What you need to do → Start at the line with "p3 = place(p2, frame((0.0, 0.0, 115.8)))" in the records below, stop at the line with "19.0, 0.0), z_axis=(0.0, 0.0, 1.0), x_axis=(1.0, 0.0, 0.0)))", and return every line in that span exactly, the two end lines included.

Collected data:
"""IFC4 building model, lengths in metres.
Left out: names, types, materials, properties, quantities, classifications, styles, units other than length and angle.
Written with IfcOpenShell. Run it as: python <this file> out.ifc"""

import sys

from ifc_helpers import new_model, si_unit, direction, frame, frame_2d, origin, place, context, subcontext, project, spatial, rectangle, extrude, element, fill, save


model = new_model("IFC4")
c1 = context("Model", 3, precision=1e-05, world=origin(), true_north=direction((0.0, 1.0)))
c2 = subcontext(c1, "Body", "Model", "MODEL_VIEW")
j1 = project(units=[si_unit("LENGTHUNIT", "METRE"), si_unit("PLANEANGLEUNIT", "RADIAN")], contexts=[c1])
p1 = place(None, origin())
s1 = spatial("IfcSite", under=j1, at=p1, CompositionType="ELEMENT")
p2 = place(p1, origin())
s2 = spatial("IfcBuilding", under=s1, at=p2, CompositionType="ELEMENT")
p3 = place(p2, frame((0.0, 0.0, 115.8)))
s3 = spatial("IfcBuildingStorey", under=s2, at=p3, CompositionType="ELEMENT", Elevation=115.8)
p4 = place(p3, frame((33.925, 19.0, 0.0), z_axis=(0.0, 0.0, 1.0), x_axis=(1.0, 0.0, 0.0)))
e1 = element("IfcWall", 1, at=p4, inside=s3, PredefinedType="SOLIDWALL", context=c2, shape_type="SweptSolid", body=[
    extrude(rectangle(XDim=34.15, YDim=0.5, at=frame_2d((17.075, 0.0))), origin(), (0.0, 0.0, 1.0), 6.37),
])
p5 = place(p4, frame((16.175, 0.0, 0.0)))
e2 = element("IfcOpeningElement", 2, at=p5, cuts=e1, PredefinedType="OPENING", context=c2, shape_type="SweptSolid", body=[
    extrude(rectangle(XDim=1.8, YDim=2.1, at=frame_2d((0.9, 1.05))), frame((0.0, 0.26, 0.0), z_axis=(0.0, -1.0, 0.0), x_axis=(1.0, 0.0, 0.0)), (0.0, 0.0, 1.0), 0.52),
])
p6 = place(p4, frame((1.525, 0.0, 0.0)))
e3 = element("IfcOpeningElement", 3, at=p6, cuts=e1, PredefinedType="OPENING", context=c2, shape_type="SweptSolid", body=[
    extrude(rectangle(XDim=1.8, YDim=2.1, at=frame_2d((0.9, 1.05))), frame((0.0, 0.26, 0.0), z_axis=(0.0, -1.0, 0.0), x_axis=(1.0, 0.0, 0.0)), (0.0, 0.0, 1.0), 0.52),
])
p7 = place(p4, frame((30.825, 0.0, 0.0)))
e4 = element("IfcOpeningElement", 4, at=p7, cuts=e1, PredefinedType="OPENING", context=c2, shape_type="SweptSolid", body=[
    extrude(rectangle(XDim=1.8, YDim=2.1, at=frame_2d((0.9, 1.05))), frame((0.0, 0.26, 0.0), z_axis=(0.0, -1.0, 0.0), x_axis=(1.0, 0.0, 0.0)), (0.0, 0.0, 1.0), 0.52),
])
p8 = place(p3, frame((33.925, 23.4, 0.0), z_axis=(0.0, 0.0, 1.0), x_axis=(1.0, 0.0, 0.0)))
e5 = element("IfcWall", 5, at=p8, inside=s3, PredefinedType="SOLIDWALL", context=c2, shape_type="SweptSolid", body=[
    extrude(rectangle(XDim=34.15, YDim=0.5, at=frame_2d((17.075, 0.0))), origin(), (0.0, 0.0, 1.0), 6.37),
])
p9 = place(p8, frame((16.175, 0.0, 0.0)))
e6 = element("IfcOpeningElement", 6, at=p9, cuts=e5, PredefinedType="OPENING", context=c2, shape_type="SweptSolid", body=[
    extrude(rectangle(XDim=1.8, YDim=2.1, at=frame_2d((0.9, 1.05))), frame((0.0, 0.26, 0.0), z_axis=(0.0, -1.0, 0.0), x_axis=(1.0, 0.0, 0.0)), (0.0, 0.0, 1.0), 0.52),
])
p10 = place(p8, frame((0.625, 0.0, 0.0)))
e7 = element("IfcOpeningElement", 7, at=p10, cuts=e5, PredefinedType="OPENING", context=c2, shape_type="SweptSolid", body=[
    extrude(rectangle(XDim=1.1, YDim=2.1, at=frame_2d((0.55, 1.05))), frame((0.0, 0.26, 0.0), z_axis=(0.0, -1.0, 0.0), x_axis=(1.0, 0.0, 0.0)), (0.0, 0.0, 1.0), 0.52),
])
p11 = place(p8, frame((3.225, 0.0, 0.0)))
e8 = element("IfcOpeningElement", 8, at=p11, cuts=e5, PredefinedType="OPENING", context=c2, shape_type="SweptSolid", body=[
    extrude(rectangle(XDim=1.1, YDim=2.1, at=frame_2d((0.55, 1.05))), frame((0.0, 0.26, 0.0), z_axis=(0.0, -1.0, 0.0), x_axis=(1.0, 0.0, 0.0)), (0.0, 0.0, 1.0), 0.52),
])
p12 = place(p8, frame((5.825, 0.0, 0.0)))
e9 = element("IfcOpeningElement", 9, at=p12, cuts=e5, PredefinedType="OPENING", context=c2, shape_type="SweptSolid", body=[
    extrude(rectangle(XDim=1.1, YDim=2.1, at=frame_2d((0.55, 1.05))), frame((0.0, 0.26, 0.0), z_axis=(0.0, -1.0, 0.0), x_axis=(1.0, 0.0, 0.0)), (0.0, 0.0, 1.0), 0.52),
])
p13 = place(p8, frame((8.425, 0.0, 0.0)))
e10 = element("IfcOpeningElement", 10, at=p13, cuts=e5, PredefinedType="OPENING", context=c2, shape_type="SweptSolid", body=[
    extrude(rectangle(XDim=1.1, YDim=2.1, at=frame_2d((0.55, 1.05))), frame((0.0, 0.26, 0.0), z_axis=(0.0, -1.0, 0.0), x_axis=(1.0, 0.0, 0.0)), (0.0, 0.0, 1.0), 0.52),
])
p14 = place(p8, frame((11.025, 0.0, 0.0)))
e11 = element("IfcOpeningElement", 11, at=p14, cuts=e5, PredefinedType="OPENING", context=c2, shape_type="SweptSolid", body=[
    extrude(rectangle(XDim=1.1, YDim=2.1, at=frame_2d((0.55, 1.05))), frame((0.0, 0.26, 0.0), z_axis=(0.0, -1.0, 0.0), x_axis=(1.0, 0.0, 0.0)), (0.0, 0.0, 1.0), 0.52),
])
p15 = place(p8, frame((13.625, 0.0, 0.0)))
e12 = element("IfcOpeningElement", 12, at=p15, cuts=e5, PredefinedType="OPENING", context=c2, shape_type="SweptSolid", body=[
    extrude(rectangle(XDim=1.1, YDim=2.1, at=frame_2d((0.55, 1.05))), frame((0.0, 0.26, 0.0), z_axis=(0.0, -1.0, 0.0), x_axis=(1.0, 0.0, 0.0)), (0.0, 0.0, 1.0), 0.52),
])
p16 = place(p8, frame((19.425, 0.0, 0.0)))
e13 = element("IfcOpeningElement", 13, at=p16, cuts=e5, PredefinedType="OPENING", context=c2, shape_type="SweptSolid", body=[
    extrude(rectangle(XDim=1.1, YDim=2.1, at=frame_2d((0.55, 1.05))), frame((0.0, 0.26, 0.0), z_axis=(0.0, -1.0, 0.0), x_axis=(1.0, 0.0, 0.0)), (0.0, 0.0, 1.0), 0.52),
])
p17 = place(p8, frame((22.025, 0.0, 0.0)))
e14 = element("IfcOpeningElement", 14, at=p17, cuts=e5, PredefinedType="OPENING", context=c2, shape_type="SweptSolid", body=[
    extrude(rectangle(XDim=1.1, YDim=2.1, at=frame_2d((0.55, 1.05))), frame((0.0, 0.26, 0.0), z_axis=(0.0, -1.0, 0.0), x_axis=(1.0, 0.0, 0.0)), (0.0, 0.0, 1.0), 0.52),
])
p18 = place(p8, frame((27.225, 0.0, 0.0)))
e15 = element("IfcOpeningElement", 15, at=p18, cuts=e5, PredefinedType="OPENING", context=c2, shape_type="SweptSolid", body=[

Worked solution →
p3 = place(p2, frame((0.0, 0.0, 115.8)))
s3 = spatial("IfcBuildingStorey", under=s2, at=p3, CompositionType="ELEMENT", Elevation=115.8)
p4 = place(p3, frame((33.925, 19.0, 0.0), z_axis=(0.0, 0.0, 1.0), x_axis=(1.0, 0.0, 0.0)))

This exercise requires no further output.